Collected data entries
-- Opening Marker --

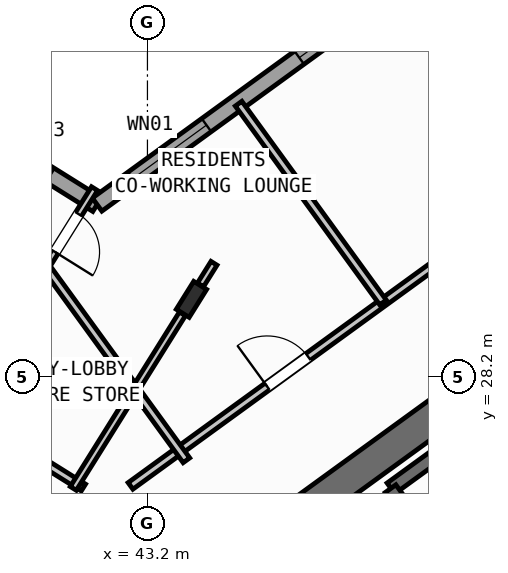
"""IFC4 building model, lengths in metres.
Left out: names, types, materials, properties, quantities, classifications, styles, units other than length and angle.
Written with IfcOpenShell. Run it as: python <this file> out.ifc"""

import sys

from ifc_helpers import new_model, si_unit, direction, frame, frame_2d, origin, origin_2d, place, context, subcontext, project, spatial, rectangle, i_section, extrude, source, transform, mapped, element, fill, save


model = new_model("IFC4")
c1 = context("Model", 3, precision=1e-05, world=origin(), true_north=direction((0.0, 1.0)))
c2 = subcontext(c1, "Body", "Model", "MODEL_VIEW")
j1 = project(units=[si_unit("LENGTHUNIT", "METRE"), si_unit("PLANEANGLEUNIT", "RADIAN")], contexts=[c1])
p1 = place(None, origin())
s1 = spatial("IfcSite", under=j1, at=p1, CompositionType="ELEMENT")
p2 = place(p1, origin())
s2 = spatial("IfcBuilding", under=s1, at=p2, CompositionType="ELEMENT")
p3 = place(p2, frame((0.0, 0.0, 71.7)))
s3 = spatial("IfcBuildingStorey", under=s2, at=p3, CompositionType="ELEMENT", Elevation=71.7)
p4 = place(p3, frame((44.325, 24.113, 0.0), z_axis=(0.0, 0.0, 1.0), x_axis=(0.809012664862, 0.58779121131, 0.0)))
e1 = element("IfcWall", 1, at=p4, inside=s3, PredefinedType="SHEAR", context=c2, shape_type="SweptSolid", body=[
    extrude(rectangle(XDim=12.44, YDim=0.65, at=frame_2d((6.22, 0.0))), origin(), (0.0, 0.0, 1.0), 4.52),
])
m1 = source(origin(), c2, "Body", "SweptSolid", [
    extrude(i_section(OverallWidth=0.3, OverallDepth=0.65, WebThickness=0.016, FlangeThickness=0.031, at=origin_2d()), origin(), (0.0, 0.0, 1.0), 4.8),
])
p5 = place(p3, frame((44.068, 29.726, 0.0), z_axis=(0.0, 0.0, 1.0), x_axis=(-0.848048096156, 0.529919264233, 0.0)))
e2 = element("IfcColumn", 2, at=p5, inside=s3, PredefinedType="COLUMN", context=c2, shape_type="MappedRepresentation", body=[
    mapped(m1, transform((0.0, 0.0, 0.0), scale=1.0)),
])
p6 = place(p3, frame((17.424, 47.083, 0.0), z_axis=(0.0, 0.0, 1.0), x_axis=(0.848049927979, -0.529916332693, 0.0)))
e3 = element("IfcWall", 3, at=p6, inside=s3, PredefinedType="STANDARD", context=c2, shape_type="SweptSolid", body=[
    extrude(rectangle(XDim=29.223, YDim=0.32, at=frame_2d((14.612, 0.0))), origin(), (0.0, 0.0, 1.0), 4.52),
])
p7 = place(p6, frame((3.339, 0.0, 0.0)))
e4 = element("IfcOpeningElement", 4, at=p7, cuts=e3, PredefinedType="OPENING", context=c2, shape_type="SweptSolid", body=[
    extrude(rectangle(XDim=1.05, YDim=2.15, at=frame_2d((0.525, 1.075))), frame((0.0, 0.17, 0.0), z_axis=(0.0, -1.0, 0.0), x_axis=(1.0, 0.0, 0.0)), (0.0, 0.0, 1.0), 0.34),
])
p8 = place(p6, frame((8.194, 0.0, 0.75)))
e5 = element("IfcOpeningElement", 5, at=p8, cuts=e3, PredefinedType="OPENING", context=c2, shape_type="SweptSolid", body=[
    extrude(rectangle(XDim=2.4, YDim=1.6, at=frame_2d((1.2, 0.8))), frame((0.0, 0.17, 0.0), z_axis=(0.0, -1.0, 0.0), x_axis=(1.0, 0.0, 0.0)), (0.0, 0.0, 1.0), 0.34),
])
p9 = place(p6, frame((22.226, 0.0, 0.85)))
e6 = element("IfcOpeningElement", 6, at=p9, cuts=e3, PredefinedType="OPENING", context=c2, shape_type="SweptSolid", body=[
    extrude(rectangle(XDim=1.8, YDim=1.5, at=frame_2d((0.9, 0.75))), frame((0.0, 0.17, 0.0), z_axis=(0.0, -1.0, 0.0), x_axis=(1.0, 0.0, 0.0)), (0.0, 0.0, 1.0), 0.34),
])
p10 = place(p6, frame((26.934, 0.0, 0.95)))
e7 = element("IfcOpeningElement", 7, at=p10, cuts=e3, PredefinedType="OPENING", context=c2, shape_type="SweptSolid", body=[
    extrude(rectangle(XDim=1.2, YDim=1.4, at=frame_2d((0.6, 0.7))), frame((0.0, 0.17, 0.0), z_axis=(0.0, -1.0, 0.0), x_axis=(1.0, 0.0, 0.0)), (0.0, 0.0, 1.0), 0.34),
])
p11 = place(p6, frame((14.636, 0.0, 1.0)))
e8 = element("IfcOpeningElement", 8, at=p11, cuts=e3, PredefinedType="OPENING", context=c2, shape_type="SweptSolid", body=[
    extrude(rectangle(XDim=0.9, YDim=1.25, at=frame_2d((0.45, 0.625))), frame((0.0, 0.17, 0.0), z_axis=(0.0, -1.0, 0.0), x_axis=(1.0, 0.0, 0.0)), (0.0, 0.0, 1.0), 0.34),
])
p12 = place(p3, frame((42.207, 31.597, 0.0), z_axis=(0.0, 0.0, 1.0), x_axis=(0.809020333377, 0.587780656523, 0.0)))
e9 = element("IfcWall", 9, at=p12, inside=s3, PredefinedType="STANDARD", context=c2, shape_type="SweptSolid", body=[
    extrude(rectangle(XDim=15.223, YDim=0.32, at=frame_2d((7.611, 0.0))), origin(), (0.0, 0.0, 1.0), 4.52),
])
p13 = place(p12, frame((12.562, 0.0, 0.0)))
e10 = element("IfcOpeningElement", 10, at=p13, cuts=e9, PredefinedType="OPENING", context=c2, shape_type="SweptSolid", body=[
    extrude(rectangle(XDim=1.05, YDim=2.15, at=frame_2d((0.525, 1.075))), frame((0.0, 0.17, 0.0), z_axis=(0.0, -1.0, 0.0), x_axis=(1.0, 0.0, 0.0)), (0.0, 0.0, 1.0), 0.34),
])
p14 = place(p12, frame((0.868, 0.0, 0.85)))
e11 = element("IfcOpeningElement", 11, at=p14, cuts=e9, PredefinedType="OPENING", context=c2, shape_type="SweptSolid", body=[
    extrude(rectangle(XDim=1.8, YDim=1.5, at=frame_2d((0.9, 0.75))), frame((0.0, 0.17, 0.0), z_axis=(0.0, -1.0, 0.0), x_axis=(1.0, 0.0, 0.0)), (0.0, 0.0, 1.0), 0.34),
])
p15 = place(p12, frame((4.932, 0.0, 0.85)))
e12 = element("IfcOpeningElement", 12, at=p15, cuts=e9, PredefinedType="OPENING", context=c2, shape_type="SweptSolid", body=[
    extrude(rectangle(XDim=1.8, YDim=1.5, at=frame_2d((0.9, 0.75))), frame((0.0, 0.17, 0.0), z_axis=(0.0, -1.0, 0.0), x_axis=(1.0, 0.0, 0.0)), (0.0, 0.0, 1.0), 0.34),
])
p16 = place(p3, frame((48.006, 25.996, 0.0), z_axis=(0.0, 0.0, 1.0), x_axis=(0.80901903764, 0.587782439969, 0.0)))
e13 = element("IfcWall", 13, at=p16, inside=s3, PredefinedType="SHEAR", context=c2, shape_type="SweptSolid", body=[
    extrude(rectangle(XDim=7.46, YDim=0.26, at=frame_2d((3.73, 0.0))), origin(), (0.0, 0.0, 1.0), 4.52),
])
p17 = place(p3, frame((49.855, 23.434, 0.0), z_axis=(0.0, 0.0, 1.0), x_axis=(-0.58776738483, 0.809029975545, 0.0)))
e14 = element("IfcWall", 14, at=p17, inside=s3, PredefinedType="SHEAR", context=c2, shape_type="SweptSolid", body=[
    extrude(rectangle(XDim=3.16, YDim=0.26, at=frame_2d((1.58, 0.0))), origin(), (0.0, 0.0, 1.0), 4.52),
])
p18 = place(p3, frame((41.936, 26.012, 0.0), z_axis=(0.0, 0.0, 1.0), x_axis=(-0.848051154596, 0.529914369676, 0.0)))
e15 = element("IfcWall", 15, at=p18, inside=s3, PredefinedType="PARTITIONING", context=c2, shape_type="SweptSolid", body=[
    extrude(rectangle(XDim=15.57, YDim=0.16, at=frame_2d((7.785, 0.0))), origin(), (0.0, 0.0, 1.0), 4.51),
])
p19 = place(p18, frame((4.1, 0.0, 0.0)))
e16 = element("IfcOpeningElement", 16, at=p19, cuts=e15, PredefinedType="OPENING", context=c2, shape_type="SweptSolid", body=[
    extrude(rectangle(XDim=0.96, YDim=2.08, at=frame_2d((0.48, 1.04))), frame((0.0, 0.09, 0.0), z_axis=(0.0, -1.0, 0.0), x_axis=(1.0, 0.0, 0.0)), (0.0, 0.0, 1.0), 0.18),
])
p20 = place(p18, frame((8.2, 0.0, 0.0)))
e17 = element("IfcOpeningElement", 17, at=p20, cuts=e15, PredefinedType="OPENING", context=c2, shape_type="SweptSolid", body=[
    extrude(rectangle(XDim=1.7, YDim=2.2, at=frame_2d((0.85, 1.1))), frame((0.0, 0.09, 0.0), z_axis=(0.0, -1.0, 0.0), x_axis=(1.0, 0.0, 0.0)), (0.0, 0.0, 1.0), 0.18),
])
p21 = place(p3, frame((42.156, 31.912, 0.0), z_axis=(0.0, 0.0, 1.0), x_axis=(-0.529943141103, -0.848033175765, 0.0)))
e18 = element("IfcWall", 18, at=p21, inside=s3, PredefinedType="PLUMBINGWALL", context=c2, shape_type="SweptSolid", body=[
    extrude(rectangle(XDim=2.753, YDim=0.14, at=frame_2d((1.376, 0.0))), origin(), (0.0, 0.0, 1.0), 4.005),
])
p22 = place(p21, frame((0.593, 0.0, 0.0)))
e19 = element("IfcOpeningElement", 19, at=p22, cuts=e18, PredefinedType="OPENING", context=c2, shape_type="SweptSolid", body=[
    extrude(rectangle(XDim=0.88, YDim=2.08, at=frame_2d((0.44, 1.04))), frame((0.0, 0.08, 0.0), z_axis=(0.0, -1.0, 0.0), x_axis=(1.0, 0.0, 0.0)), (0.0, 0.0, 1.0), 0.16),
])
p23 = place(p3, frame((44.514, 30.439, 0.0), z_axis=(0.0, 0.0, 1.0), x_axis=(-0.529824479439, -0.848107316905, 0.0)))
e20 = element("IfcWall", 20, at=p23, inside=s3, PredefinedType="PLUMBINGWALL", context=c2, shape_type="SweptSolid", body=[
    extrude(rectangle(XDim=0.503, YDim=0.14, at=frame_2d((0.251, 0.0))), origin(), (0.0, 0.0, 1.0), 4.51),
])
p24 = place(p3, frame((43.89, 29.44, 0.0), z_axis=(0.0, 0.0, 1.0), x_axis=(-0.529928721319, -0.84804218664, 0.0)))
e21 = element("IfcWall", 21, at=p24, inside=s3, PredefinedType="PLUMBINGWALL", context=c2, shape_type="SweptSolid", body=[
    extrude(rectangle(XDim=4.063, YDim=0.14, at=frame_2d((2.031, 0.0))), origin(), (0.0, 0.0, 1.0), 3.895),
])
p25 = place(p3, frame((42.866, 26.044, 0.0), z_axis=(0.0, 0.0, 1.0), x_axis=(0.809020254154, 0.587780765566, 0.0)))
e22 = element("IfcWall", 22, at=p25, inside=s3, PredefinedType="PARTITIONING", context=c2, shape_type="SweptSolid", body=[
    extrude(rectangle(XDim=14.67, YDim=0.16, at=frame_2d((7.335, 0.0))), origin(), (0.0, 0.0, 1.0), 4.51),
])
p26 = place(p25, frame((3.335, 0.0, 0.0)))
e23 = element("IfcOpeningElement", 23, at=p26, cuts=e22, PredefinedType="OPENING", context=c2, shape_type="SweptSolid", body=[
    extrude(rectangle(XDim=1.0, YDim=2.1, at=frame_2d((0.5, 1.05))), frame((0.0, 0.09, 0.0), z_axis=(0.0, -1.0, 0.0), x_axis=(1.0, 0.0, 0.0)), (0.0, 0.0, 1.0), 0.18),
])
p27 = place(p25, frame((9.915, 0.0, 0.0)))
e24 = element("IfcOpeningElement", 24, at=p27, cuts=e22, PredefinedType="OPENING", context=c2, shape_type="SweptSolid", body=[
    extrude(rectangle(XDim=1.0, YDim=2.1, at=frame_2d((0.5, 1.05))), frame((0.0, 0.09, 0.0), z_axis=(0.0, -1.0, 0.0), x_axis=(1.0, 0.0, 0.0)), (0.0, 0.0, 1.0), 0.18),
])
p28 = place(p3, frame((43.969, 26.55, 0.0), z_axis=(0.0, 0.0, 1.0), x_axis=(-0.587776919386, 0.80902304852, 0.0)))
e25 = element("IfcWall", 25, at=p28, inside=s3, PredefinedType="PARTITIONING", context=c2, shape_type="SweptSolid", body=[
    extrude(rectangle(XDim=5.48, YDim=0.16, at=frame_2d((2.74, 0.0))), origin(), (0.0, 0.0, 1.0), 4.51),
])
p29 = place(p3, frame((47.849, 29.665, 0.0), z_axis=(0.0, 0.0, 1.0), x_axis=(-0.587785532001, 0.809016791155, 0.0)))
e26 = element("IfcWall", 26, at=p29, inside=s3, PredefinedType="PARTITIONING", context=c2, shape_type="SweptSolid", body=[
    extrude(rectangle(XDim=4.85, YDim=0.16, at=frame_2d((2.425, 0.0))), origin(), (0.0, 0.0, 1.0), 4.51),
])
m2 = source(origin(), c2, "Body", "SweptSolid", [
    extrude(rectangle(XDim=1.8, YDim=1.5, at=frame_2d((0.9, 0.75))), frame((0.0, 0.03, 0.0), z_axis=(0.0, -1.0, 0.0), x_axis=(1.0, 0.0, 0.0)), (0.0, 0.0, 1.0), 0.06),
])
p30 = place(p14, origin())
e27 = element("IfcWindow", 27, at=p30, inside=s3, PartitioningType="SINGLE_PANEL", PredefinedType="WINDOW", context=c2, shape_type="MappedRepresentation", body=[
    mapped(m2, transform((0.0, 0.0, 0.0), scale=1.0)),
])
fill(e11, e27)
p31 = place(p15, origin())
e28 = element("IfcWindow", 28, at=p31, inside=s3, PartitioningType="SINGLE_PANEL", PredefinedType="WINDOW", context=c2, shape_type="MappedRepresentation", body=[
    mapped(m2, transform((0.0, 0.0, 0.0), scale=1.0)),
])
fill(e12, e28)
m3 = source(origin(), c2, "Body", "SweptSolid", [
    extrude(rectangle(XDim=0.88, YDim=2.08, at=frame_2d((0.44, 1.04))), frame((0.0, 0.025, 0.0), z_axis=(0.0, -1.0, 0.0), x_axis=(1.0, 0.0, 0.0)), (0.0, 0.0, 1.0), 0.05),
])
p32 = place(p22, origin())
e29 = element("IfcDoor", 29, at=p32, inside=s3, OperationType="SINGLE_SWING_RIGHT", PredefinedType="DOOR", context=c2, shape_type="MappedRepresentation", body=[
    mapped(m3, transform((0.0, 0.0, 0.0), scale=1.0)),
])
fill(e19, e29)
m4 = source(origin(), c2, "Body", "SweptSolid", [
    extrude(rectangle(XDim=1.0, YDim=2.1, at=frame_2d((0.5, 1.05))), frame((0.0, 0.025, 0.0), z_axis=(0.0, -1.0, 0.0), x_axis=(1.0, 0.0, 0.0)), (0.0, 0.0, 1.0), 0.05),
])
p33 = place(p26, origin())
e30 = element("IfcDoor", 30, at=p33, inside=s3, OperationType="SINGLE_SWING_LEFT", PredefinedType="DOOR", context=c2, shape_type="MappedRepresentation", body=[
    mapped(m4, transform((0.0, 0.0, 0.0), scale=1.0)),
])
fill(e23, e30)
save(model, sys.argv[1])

-- Closing Marker --

- **Instructions for the task**: The string "direction" appears on some lines of the data; count those lines and report only how many there are.

- **Reply**: 2